(Records from a dataset)
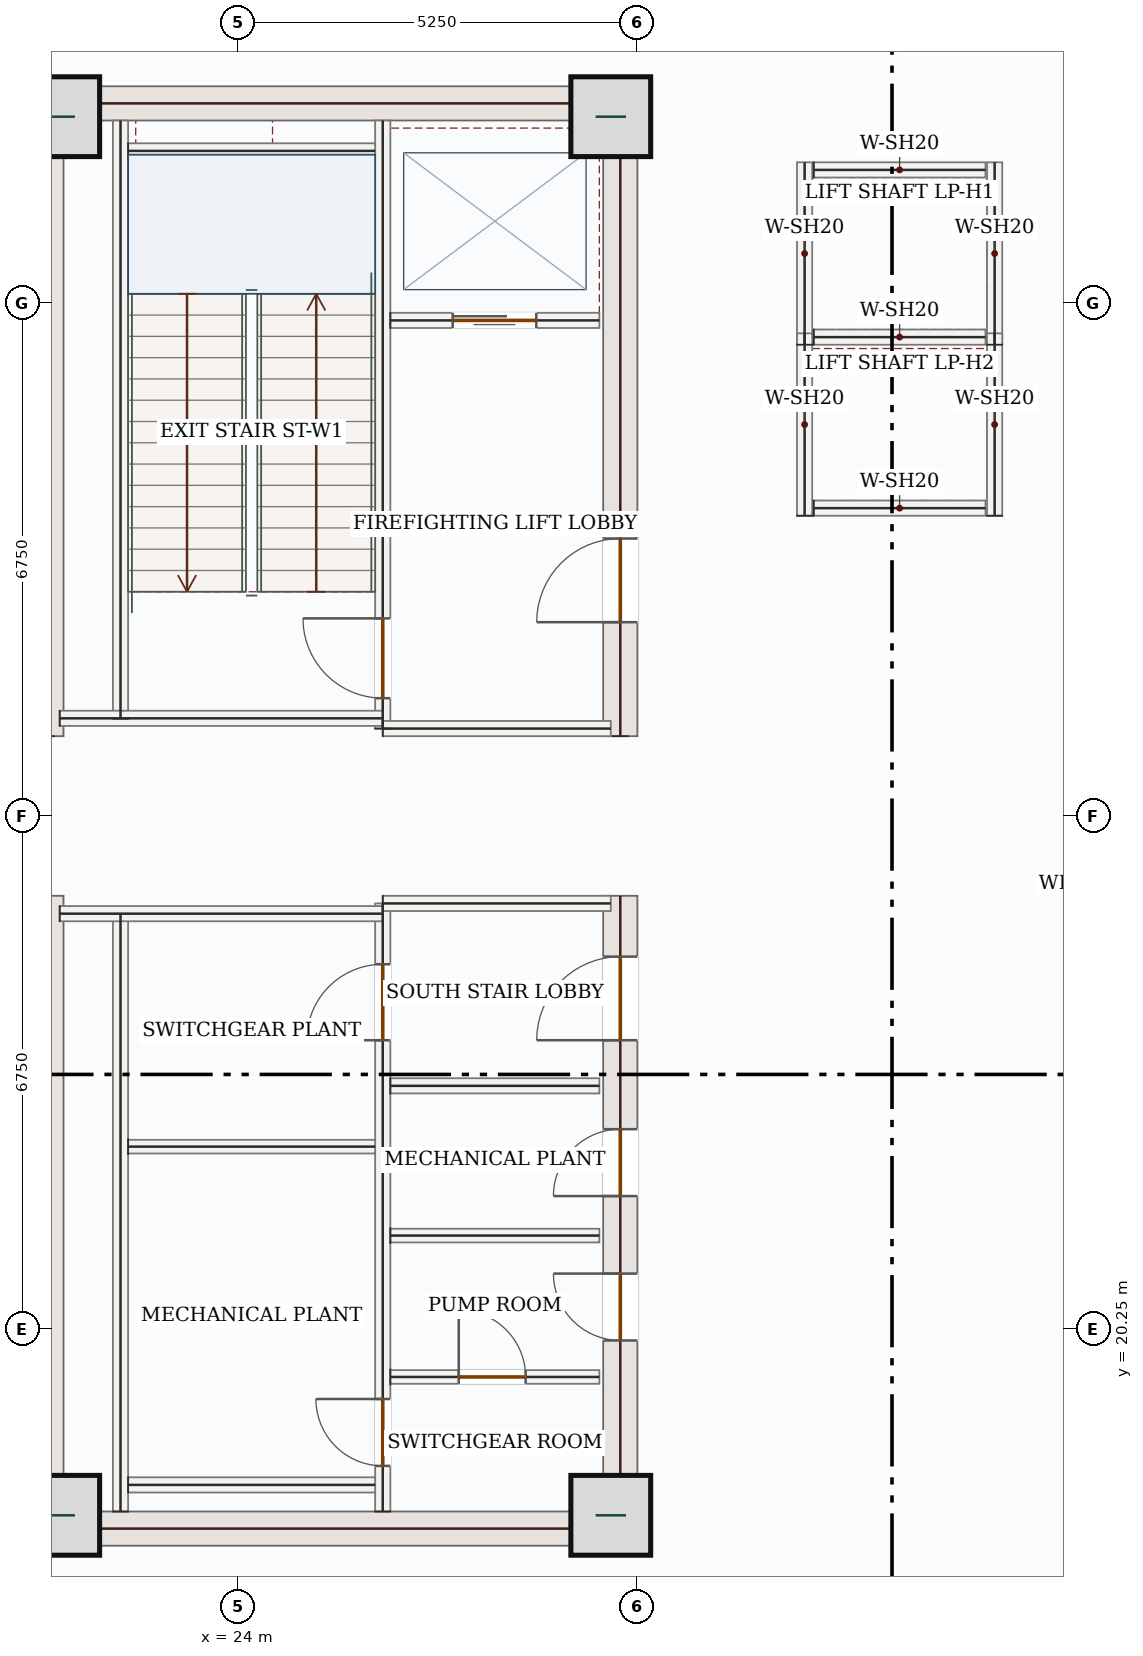
"""IFC4 building model, lengths in metres.
Left out: names, types, materials, properties, quantities, classifications, styles, units other than length and angle.
Written with IfcOpenShell. Run it as: python <this file> out.ifc"""

import sys

from ifc_helpers import new_model, si_unit, direction, frame, frame_2d, origin, origin_2d, place, context, subcontext, project, spatial, rectangle, extrude, source, transform, mapped, element, fill, save


model = new_model("IFC4")
c1 = context("Model", 3, precision=1e-05, world=origin(), true_north=direction((0.0, 1.0)))
c2 = subcontext(c1, "Body", "Model", "MODEL_VIEW")
j1 = project(units=[si_unit("LENGTHUNIT", "METRE"), si_unit("PLANEANGLEUNIT", "RADIAN")], contexts=[c1])
p1 = place(None, origin())
s1 = spatial("IfcSite", under=j1, at=p1, CompositionType="ELEMENT")
p2 = place(p1, origin())
s2 = spatial("IfcBuilding", under=s1, at=p2, CompositionType="ELEMENT")
p3 = place(p2, frame((0.0, 0.0, 314.1)))
s3 = spatial("IfcBuildingStorey", under=s2, at=p3, CompositionType="ELEMENT", Elevation=314.1)
m1 = source(origin(), c2, "Body", "SweptSolid", [
    extrude(rectangle(XDim=8.55, YDim=0.45, at=frame_2d((4.275, 0.0))), origin(), (0.0, 0.0, 1.0), 5.45),
])
for number, where, z_axis, x_axis in (
    (1, (21.475, 17.4, 0.0), (0.0, 0.0, 1.0), (0.0, 1.0, 0.0)),
    (2, (21.475, 28.05, 0.0), (0.0, 0.0, 1.0), (0.0, 1.0, 0.0)),
):
    element("IfcWall", number, at=place(p3, frame(where, z_axis=z_axis, x_axis=x_axis)), inside=s3, PredefinedType="SHEAR", context=c2, shape_type="MappedRepresentation", body=[
        mapped(m1, transform((0.0, 0.0, 0.0), x_axis=(1.0, 0.0, 0.0), y_axis=(0.0, 1.0, 0.0), z_axis=(0.0, 0.0, 1.0), scale=1.0)),
    ])
p4 = place(p3, frame((29.025, 17.4, 0.0), z_axis=(0.0, 0.0, 1.0), x_axis=(0.0, 1.0, 0.0)))
e3 = element("IfcWall", 3, at=p4, inside=s3, PredefinedType="SHEAR", context=c2, shape_type="SweptSolid", body=[
    extrude(rectangle(XDim=8.55, YDim=0.45, at=frame_2d((4.275, 0.0))), origin(), (0.0, 0.0, 1.0), 5.45),
])
p5 = place(p4, frame((6.65, 0.0, 0.0)))
e4 = element("IfcOpeningElement", 4, at=p5, cuts=e3, PredefinedType="OPENING", context=c2, shape_type="SweptSolid", body=[
    extrude(rectangle(XDim=1.1, YDim=2.2, at=frame_2d((0.55, 1.1))), frame((0.0, 0.235, 0.0), z_axis=(0.0, -1.0, 0.0), x_axis=(1.0, 0.0, 0.0)), (0.0, 0.0, 1.0), 0.47),
])
p6 = place(p4, frame((2.7, 0.0, 0.0)))
e5 = element("IfcOpeningElement", 5, at=p6, cuts=e3, PredefinedType="OPENING", context=c2, shape_type="SweptSolid", body=[
    extrude(rectangle(XDim=0.88, YDim=2.1, at=frame_2d((0.44, 1.05))), frame((0.0, 0.235, 0.0), z_axis=(0.0, -1.0, 0.0), x_axis=(1.0, 0.0, 0.0)), (0.0, 0.0, 1.0), 0.47),
])
p7 = place(p4, frame((4.6, 0.0, 0.0)))
e6 = element("IfcOpeningElement", 6, at=p7, cuts=e3, PredefinedType="OPENING", context=c2, shape_type="SweptSolid", body=[
    extrude(rectangle(XDim=0.88, YDim=2.1, at=frame_2d((0.44, 1.05))), frame((0.0, 0.235, 0.0), z_axis=(0.0, -1.0, 0.0), x_axis=(1.0, 0.0, 0.0)), (0.0, 0.0, 1.0), 0.47),
])
p8 = place(p3, frame((29.025, 28.05, 0.0), z_axis=(0.0, 0.0, 1.0), x_axis=(0.0, 1.0, 0.0)))
e7 = element("IfcWall", 7, at=p8, inside=s3, PredefinedType="SHEAR", context=c2, shape_type="SweptSolid", body=[
    extrude(rectangle(XDim=8.55, YDim=0.45, at=frame_2d((4.275, 0.0))), origin(), (0.0, 0.0, 1.0), 5.45),
])
p9 = place(p8, frame((1.5, 0.0, 0.0)))
e8 = element("IfcOpeningElement", 8, at=p9, cuts=e7, PredefinedType="OPENING", context=c2, shape_type="SweptSolid", body=[
    extrude(rectangle(XDim=1.1, YDim=2.2, at=frame_2d((0.55, 1.1))), frame((0.0, 0.235, 0.0), z_axis=(0.0, -1.0, 0.0), x_axis=(1.0, 0.0, 0.0)), (0.0, 0.0, 1.0), 0.47),
])
m2 = source(origin(), c2, "Body", "SweptSolid", [
    extrude(rectangle(XDim=7.1, YDim=0.45, at=frame_2d((3.55, 0.0))), origin(), (0.0, 0.0, 1.0), 5.45),
])
for number, where, z_axis, x_axis in (
    (9, (21.7, 17.625, 0.0), (0.0, 0.0, 1.0), (1.0, 0.0, 0.0)),
    (10, (21.7, 36.375, 0.0), (0.0, 0.0, 1.0), (1.0, 0.0, 0.0)),
):
    element("IfcWall", number, at=place(p3, frame(where, z_axis=z_axis, x_axis=x_axis)), inside=s3, PredefinedType="SHEAR", context=c2, shape_type="MappedRepresentation", body=[
        mapped(m2, transform((0.0, 0.0, 0.0), x_axis=(1.0, 0.0, 0.0), y_axis=(0.0, 1.0, 0.0), z_axis=(0.0, 0.0, 1.0), scale=1.0)),
    ])
m3 = source(origin(), c2, "Body", "SweptSolid", [
    extrude(rectangle(XDim=1.05, YDim=1.05, at=origin_2d()), origin(), (0.0, 0.0, 1.0), 5.7),
])
for number, where, z_axis, x_axis in (
    (11, (21.65, 17.8, 0.0), (0.0, 0.0, 1.0), (1.0, 0.0, 0.0)),
    (12, (28.9, 17.8, 0.0), (0.0, 0.0, 1.0), (1.0, 0.0, 0.0)),
    (13, (21.65, 36.2, 0.0), (0.0, 0.0, 1.0), (1.0, 0.0, 0.0)),
    (14, (28.9, 36.2, 0.0), (0.0, 0.0, 1.0), (1.0, 0.0, 0.0)),
):
    element("IfcColumn", number, at=place(p3, frame(where, z_axis=z_axis, x_axis=x_axis)), inside=s3, PredefinedType="COLUMN", context=c2, shape_type="MappedRepresentation", body=[
        mapped(m3, transform((0.0, 0.0, 0.0), x_axis=(1.0, 0.0, 0.0), y_axis=(0.0, 1.0, 0.0), z_axis=(0.0, 0.0, 1.0), scale=1.0)),
    ])
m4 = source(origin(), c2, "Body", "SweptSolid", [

### BRIEF:
Filter the records above for lines with "import".

### ANSWER BOX:
import sys
from ifc_helpers import new_model, si_unit, direction, frame, frame_2d, origin, origin_2d, place, context, subcontext, project, spatial, rectangle, extrude, source, transform, mapped, element, fill, save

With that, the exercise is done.